Stored items
= = =

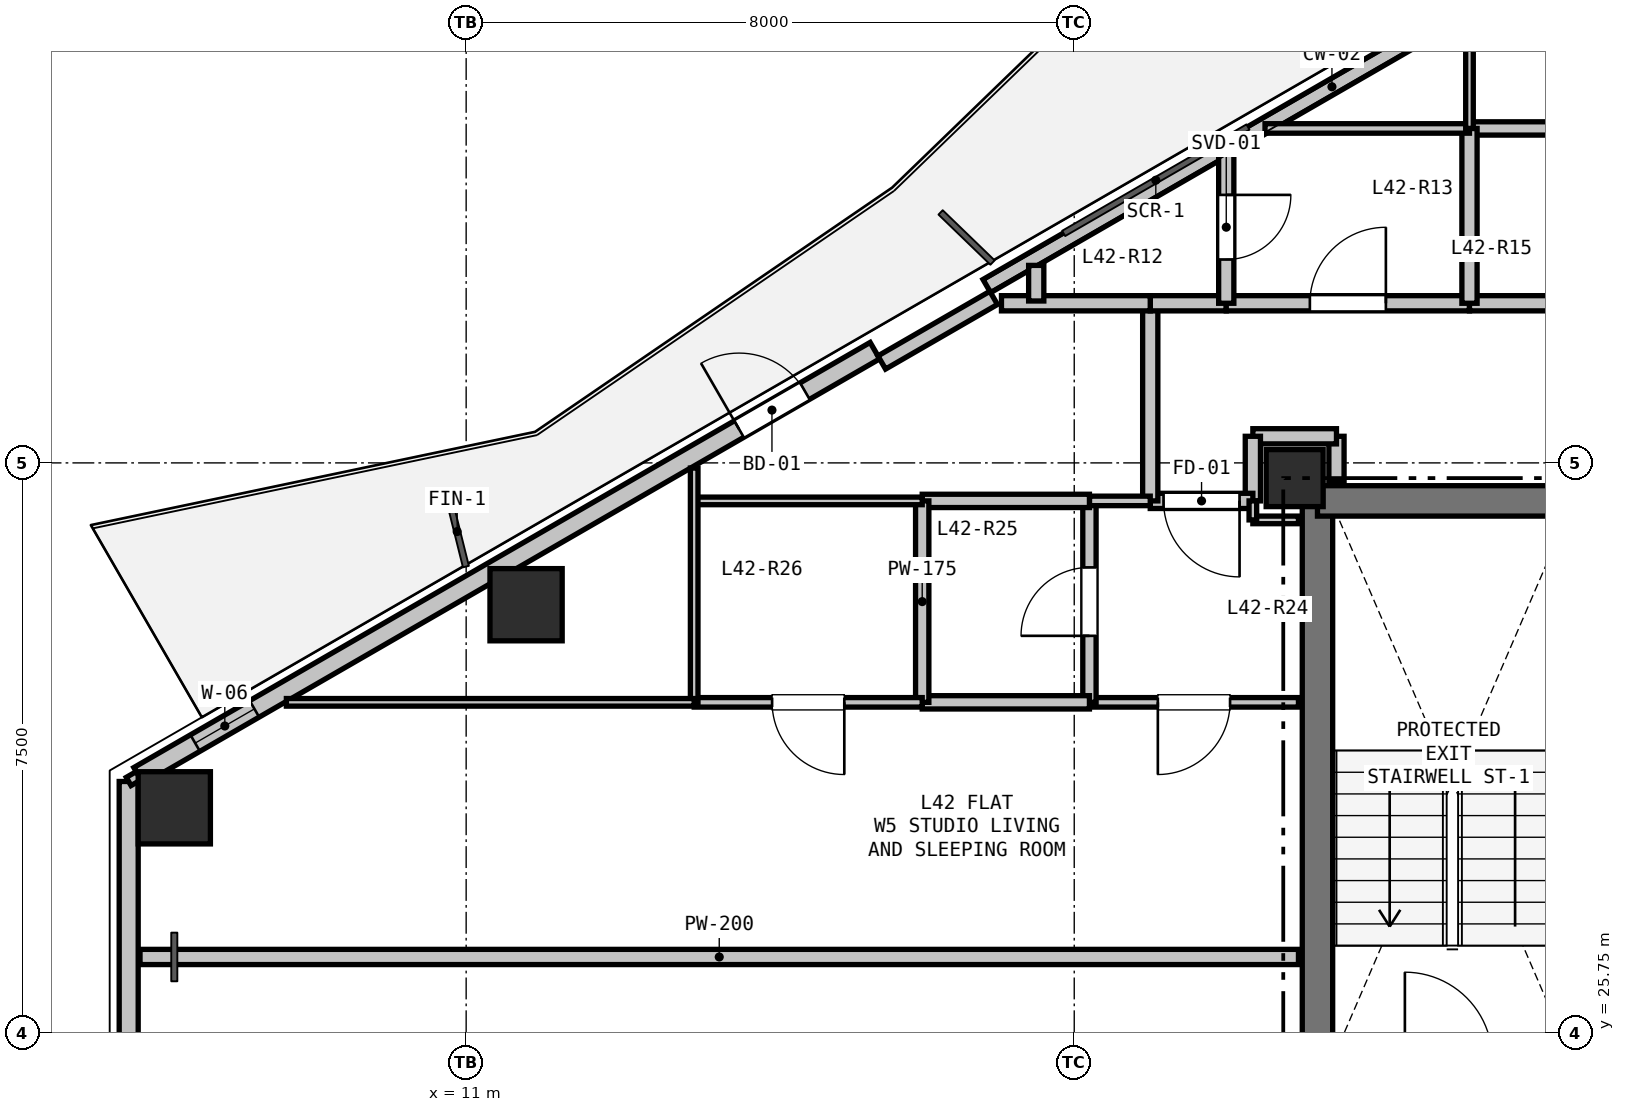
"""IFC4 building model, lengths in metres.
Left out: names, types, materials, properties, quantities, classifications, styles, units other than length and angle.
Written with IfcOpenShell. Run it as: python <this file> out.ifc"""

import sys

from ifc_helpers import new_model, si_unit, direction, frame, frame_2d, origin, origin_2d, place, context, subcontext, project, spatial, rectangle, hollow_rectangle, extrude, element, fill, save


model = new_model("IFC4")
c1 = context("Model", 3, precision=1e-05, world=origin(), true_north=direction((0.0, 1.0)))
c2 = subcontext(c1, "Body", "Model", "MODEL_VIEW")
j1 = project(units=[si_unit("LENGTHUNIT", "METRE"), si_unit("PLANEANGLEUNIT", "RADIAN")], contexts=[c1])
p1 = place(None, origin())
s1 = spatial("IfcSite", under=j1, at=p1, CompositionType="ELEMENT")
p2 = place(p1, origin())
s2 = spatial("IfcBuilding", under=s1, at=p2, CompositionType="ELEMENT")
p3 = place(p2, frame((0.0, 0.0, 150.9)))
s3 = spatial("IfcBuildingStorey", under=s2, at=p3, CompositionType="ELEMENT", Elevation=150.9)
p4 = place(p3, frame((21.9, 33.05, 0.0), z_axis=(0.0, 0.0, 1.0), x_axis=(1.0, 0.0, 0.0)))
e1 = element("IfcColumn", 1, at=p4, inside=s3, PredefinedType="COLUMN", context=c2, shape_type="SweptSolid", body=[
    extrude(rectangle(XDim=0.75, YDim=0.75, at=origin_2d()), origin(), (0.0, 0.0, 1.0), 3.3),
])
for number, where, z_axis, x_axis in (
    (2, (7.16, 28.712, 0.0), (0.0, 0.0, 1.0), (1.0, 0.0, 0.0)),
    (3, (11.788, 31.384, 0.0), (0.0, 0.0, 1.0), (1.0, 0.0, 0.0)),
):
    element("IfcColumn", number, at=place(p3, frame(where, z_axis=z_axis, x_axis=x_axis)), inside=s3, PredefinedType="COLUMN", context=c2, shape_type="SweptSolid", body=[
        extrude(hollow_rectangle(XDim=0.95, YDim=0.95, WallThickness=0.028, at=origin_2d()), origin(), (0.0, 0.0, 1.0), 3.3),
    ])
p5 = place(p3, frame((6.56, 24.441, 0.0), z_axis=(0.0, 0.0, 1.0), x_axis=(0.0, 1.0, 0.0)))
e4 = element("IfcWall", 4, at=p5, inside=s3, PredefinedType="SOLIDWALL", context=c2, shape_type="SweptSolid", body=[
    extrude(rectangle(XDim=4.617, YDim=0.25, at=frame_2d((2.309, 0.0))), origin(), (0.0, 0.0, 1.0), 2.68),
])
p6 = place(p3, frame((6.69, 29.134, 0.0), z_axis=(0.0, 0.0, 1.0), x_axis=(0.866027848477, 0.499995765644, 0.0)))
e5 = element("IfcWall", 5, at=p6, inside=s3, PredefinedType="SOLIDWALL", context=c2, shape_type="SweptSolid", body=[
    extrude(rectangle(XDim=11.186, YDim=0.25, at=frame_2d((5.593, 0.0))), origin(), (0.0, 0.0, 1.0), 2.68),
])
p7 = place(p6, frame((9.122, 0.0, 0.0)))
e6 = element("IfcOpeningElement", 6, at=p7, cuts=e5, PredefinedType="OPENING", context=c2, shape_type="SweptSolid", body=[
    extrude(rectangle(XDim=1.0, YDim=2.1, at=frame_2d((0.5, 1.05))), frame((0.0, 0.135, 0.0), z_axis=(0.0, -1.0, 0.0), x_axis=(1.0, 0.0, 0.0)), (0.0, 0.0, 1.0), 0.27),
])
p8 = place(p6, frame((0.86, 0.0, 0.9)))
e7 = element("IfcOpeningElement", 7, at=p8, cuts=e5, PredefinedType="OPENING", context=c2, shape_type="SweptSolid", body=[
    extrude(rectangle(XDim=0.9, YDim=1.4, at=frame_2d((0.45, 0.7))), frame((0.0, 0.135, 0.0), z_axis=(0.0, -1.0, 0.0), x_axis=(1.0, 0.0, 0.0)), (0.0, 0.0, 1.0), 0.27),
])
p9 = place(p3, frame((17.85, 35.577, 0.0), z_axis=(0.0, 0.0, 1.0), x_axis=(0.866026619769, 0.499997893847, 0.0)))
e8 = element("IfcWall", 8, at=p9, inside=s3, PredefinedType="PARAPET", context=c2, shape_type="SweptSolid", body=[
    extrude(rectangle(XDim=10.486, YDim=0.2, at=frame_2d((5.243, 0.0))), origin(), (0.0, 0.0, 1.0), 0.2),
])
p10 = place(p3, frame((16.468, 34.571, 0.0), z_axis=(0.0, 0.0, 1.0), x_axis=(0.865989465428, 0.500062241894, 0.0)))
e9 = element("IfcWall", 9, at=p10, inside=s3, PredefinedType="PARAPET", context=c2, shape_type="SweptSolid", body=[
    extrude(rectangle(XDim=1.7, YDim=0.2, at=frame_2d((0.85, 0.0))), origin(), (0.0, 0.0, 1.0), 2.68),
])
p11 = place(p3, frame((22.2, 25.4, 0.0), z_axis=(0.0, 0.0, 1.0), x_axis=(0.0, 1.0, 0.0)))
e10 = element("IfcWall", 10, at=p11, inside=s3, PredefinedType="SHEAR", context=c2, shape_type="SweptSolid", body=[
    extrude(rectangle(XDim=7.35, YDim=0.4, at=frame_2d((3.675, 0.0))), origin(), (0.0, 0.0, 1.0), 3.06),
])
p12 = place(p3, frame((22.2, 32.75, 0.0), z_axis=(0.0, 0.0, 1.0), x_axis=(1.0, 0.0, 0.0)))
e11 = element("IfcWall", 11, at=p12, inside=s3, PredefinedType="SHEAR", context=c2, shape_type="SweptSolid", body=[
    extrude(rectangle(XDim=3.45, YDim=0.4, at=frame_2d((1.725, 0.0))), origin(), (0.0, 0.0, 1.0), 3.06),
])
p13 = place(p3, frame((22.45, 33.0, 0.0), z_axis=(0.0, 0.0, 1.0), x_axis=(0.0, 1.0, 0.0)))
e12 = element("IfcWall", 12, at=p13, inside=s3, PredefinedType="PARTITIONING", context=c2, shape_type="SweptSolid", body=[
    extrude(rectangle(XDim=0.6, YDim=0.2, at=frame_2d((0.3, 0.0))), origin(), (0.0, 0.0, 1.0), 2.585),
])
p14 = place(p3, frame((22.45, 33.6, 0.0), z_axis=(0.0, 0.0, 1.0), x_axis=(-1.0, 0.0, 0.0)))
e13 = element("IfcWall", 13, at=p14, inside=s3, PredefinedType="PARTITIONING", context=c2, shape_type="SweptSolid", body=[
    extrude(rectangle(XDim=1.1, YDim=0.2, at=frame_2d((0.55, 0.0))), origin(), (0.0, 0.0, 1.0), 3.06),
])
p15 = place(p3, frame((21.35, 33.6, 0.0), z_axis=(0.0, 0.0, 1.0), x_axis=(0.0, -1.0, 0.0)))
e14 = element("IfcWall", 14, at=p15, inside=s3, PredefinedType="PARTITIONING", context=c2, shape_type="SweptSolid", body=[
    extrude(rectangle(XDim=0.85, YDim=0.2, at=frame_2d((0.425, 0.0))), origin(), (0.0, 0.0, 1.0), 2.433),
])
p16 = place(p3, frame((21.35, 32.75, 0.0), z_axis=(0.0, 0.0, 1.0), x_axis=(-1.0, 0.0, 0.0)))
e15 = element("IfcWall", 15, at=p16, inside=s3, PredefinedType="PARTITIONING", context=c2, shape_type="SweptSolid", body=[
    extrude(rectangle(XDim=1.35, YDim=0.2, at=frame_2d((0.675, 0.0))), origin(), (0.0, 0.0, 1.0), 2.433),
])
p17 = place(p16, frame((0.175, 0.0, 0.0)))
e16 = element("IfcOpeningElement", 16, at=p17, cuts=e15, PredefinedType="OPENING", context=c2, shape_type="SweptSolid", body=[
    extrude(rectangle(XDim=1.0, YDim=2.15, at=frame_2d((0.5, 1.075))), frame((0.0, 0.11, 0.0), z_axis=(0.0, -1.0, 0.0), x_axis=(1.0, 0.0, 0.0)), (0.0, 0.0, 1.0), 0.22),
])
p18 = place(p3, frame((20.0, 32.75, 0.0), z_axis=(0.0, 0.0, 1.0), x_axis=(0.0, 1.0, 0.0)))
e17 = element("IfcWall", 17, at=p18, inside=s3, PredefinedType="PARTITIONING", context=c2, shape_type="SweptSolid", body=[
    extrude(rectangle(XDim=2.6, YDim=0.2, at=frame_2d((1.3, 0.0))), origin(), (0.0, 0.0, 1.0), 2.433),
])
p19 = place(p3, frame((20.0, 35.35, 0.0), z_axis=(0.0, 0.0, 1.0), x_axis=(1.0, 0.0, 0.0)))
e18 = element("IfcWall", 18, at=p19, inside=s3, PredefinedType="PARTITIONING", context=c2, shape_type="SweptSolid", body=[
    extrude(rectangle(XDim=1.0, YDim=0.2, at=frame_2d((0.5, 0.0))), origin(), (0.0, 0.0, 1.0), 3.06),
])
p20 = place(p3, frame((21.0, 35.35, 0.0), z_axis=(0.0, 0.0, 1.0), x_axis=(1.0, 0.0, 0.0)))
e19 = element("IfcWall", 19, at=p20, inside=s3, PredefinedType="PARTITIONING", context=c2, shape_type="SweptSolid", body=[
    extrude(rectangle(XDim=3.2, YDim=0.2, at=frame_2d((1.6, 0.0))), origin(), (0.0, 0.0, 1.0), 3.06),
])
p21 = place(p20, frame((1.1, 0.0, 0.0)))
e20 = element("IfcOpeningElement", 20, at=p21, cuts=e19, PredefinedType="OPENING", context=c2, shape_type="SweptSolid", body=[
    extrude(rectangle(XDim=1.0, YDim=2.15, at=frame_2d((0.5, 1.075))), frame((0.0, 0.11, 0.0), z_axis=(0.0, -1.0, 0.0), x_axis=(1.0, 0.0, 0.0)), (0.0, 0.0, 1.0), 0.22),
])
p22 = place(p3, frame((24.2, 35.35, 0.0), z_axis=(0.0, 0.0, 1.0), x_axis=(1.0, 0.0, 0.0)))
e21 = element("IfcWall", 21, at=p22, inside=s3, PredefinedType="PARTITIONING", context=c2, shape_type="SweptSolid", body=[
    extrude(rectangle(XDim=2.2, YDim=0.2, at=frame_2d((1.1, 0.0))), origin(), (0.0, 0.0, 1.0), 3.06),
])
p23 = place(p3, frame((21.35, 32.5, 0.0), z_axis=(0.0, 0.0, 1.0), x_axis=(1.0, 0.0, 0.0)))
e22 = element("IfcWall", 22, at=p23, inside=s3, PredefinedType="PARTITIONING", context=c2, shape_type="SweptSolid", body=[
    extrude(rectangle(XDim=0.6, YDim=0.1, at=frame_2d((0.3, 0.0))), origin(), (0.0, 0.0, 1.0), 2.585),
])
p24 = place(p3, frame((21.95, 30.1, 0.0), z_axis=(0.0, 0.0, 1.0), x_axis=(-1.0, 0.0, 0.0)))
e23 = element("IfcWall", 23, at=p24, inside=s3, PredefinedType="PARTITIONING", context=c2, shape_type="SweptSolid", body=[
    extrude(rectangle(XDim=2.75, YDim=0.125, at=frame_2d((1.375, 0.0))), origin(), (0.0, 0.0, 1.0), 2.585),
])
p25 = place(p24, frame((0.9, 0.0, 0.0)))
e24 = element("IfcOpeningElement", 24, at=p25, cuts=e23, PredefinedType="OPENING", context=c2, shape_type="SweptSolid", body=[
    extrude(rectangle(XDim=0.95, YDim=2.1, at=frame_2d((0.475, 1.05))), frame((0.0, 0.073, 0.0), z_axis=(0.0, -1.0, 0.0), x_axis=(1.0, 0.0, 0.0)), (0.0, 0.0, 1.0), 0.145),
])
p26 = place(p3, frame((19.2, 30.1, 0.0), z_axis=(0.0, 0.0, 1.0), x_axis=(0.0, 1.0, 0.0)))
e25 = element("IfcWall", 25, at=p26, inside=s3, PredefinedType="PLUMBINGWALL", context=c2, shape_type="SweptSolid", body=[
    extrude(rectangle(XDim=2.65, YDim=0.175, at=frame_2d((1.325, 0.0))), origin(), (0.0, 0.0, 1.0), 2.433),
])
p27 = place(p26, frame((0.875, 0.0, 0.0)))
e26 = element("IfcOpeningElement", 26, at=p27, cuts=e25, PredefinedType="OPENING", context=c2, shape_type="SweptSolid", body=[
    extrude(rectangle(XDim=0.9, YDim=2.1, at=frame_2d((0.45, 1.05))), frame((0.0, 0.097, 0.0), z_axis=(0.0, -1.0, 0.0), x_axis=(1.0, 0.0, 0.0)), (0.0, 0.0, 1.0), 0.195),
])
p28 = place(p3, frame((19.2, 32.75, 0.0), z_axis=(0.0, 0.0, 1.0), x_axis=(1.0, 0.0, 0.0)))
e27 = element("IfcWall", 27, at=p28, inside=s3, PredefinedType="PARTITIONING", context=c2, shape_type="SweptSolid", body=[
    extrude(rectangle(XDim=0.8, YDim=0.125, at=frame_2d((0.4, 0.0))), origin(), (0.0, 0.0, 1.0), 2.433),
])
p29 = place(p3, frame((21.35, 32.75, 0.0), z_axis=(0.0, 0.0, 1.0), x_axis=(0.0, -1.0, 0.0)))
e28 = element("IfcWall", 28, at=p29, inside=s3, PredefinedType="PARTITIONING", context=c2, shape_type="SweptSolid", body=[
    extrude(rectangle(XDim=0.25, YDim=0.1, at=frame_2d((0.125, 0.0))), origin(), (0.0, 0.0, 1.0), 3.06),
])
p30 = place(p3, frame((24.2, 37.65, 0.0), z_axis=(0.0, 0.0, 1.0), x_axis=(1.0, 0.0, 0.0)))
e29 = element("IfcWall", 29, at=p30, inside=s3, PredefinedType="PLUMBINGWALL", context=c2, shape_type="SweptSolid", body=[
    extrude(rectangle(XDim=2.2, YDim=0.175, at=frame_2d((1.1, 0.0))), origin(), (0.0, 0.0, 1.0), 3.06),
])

= = =

**Activity**:
The answer must be the lines of the entries above, written out exactly from the first through the one with "for number, where, z_axis, x_axis", and no pictures.

**Solution**:
"""IFC4 building model, lengths in metres.
Left out: names, types, materials, properties, quantities, classifications, styles, units other than length and angle.
Written with IfcOpenShell. Run it as: python <this file> out.ifc"""

import sys

from ifc_helpers import new_model, si_unit, direction, frame, frame_2d, origin, origin_2d, place, context, subcontext, project, spatial, rectangle, hollow_rectangle, extrude, element, fill, save


model = new_model("IFC4")
c1 = context("Model", 3, precision=1e-05, world=origin(), true_north=direction((0.0, 1.0)))
c2 = subcontext(c1, "Body", "Model", "MODEL_VIEW")
j1 = project(units=[si_unit("LENGTHUNIT", "METRE"), si_unit("PLANEANGLEUNIT", "RADIAN")], contexts=[c1])
p1 = place(None, origin())
s1 = spatial("IfcSite", under=j1, at=p1, CompositionType="ELEMENT")
p2 = place(p1, origin())
s2 = spatial("IfcBuilding", under=s1, at=p2, CompositionType="ELEMENT")
p3 = place(p2, frame((0.0, 0.0, 150.9)))
s3 = spatial("IfcBuildingStorey", under=s2, at=p3, CompositionType="ELEMENT", Elevation=150.9)
p4 = place(p3, frame((21.9, 33.05, 0.0), z_axis=(0.0, 0.0, 1.0), x_axis=(1.0, 0.0, 0.0)))
e1 = element("IfcColumn", 1, at=p4, inside=s3, PredefinedType="COLUMN", context=c2, shape_type="SweptSolid", body=[
    extrude(rectangle(XDim=0.75, YDim=0.75, at=origin_2d()), origin(), (0.0, 0.0, 1.0), 3.3),
])
for number, where, z_axis, x_axis in (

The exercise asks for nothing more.